[Items from a data source]
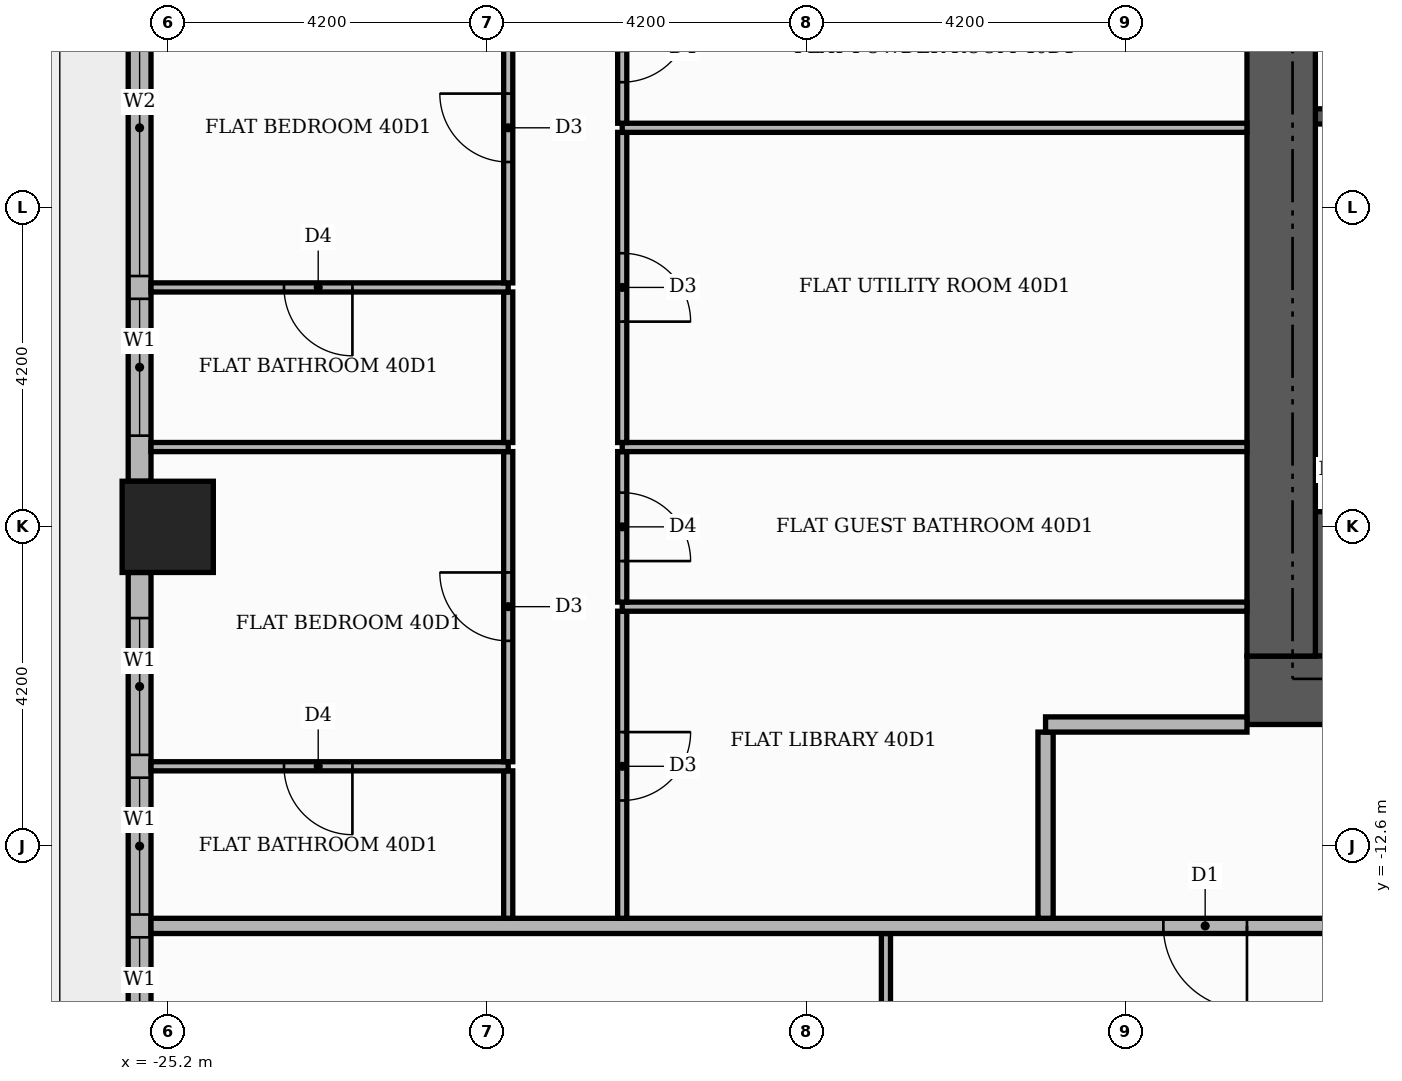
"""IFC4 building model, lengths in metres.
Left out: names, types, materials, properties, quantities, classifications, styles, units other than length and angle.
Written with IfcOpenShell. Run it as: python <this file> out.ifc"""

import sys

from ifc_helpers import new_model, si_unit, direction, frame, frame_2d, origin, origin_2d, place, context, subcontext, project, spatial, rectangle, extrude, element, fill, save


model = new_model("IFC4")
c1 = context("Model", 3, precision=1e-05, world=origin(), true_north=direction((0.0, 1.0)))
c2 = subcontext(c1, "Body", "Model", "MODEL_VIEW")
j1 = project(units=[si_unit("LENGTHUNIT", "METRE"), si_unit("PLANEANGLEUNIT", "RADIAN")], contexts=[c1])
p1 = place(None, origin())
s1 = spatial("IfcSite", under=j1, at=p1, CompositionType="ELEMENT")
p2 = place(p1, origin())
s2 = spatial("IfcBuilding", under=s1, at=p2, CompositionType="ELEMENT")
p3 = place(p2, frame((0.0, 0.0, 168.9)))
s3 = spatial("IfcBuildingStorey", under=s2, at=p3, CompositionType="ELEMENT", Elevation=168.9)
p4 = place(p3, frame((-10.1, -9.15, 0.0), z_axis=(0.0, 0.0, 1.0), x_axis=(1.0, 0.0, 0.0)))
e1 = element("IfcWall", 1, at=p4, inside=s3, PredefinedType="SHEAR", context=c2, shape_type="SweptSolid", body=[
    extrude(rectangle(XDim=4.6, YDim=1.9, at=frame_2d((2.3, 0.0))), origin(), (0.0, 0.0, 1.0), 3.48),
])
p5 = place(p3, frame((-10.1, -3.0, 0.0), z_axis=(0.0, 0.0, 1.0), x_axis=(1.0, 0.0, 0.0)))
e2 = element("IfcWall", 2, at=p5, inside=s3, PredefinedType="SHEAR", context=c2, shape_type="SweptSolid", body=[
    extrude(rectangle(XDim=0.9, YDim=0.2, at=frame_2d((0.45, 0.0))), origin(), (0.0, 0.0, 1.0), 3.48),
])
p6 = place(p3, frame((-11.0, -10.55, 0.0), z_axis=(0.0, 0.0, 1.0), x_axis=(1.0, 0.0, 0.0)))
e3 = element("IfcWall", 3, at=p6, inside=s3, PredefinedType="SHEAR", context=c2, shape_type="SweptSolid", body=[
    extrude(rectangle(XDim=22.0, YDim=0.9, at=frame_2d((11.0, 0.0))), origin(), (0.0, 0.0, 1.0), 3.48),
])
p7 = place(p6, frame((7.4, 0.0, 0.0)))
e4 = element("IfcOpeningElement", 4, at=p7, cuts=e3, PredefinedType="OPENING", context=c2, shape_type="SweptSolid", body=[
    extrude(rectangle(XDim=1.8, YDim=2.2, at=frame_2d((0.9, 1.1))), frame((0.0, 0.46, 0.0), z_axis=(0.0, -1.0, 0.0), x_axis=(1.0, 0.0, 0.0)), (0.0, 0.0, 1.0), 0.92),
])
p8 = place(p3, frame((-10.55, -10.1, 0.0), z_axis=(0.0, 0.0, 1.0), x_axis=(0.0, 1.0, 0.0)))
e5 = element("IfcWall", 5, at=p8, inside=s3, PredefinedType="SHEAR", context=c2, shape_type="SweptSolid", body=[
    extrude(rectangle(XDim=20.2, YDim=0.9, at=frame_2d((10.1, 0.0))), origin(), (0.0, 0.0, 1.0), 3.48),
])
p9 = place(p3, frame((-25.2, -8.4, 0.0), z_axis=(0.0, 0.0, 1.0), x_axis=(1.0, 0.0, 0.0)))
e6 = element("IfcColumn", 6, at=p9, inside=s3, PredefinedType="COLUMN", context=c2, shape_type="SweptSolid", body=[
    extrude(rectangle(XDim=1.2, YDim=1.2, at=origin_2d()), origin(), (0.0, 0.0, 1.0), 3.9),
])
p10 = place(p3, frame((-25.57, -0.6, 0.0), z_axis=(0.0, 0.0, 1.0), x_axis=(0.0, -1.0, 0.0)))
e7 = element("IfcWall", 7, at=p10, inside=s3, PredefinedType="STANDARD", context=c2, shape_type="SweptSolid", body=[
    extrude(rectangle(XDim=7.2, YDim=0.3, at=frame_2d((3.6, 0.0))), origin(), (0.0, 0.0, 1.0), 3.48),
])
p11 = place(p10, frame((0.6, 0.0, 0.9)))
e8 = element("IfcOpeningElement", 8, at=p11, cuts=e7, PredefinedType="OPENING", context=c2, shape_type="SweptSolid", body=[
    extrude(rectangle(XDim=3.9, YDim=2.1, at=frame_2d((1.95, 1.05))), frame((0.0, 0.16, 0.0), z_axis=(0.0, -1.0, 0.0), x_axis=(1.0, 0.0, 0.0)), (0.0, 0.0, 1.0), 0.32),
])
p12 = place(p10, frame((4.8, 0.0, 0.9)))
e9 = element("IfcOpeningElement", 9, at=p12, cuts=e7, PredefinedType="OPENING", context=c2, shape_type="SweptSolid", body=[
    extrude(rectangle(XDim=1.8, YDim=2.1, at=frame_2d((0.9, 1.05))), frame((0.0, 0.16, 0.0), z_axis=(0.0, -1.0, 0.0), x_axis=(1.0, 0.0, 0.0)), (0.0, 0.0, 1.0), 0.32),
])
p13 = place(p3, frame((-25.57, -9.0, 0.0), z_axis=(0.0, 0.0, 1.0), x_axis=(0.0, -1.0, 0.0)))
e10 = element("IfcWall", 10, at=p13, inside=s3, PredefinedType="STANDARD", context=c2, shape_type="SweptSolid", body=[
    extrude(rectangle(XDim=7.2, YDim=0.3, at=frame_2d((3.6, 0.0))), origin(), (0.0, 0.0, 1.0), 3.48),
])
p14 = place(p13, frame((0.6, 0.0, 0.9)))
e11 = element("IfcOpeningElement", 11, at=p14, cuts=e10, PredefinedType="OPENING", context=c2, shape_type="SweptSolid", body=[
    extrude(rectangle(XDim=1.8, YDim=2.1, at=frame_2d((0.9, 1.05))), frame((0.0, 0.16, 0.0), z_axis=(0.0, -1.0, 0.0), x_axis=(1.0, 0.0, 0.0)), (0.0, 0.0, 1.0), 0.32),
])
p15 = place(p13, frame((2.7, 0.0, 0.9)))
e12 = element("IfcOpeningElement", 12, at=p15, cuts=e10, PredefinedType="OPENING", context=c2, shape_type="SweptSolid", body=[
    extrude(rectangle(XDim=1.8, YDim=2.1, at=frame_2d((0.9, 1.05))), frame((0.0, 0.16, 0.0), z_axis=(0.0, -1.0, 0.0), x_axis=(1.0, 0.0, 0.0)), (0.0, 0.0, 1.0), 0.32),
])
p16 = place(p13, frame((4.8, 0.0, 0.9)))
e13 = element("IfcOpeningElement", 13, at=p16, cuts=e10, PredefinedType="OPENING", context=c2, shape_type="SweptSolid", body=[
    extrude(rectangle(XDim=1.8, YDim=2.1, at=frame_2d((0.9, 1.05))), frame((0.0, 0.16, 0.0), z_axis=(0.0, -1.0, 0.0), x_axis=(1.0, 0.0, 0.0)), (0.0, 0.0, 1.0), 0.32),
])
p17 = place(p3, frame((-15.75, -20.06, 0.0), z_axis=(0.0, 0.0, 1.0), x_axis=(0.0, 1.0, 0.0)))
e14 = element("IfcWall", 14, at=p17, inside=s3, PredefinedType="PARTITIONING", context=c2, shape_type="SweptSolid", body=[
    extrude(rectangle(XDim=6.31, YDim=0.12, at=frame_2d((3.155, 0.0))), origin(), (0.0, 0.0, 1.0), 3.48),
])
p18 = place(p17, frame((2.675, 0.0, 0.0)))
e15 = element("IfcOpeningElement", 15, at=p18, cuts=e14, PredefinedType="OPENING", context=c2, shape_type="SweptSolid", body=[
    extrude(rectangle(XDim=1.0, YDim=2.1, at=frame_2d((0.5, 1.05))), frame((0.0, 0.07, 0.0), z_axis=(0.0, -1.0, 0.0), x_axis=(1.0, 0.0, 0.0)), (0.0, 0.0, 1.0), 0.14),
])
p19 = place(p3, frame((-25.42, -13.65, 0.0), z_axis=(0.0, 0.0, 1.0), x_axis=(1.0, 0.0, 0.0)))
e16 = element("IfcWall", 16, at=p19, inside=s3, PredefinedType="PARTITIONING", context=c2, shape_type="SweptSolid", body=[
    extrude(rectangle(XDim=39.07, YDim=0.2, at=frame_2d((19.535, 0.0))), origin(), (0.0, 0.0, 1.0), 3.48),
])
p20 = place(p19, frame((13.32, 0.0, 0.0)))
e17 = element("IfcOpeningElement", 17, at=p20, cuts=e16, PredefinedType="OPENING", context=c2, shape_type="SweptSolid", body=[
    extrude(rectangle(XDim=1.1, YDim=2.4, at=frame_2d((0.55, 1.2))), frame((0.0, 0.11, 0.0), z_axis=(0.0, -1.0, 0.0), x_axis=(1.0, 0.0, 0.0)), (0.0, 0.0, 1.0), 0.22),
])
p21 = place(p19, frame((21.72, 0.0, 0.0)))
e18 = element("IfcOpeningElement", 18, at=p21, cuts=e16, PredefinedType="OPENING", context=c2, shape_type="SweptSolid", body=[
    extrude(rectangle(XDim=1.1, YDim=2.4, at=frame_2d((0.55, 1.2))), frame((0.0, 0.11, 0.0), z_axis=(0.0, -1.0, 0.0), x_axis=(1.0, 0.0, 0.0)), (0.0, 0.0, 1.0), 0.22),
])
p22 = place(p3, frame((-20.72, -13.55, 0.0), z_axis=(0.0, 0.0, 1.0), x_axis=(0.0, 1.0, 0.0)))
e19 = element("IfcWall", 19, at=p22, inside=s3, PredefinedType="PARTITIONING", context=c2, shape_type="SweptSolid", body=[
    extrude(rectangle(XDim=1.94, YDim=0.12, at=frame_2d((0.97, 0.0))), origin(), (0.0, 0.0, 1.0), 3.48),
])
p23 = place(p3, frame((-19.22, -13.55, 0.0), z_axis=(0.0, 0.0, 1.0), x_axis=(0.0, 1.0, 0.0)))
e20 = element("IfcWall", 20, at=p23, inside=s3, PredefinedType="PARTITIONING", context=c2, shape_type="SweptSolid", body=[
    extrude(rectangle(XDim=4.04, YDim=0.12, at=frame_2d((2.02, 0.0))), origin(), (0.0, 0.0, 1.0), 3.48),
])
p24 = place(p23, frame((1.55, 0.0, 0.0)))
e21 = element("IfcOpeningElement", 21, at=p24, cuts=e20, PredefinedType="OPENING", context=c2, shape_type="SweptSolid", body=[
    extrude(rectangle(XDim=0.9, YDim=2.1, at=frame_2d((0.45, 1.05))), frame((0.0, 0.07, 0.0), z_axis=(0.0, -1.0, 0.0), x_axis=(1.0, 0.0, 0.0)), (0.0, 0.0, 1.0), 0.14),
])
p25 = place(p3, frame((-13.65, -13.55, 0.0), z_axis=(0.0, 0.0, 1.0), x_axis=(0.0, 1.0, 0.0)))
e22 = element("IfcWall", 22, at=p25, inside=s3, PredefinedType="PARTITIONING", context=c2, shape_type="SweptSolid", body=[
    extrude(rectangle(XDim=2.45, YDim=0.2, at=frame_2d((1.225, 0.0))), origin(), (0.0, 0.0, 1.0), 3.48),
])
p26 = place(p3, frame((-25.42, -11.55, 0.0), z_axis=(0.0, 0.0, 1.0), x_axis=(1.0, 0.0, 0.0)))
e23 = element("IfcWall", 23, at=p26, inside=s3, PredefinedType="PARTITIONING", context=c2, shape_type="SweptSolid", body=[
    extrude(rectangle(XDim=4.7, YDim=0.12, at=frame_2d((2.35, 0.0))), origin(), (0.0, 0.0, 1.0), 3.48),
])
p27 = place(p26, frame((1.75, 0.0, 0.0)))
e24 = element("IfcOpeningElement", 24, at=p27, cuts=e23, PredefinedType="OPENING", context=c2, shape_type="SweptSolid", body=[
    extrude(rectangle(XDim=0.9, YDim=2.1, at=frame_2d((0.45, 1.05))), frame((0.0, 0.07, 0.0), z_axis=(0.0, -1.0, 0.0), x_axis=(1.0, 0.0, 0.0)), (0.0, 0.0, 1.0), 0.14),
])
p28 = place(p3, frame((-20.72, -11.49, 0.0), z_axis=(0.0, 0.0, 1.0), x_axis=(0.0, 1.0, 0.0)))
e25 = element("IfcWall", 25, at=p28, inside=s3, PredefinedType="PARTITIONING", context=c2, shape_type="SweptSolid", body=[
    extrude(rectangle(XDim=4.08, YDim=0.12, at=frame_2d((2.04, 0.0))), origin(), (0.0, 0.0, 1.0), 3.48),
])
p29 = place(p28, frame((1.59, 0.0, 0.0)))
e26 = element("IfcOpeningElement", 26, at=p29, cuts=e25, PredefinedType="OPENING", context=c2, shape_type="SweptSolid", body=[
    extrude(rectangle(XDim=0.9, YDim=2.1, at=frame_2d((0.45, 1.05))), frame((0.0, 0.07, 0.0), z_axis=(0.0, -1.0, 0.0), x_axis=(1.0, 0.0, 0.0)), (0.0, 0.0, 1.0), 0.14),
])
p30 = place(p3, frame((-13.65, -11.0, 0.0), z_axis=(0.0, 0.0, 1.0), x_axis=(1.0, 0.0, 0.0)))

**What to do:** Every line above carrying the word "import" needs to be shown.

**Output:**
import sys
from ifc_helpers import new_model, si_unit, direction, frame, frame_2d, origin, origin_2d, place, context, subcontext, project, spatial, rectangle, extrude, element, fill, save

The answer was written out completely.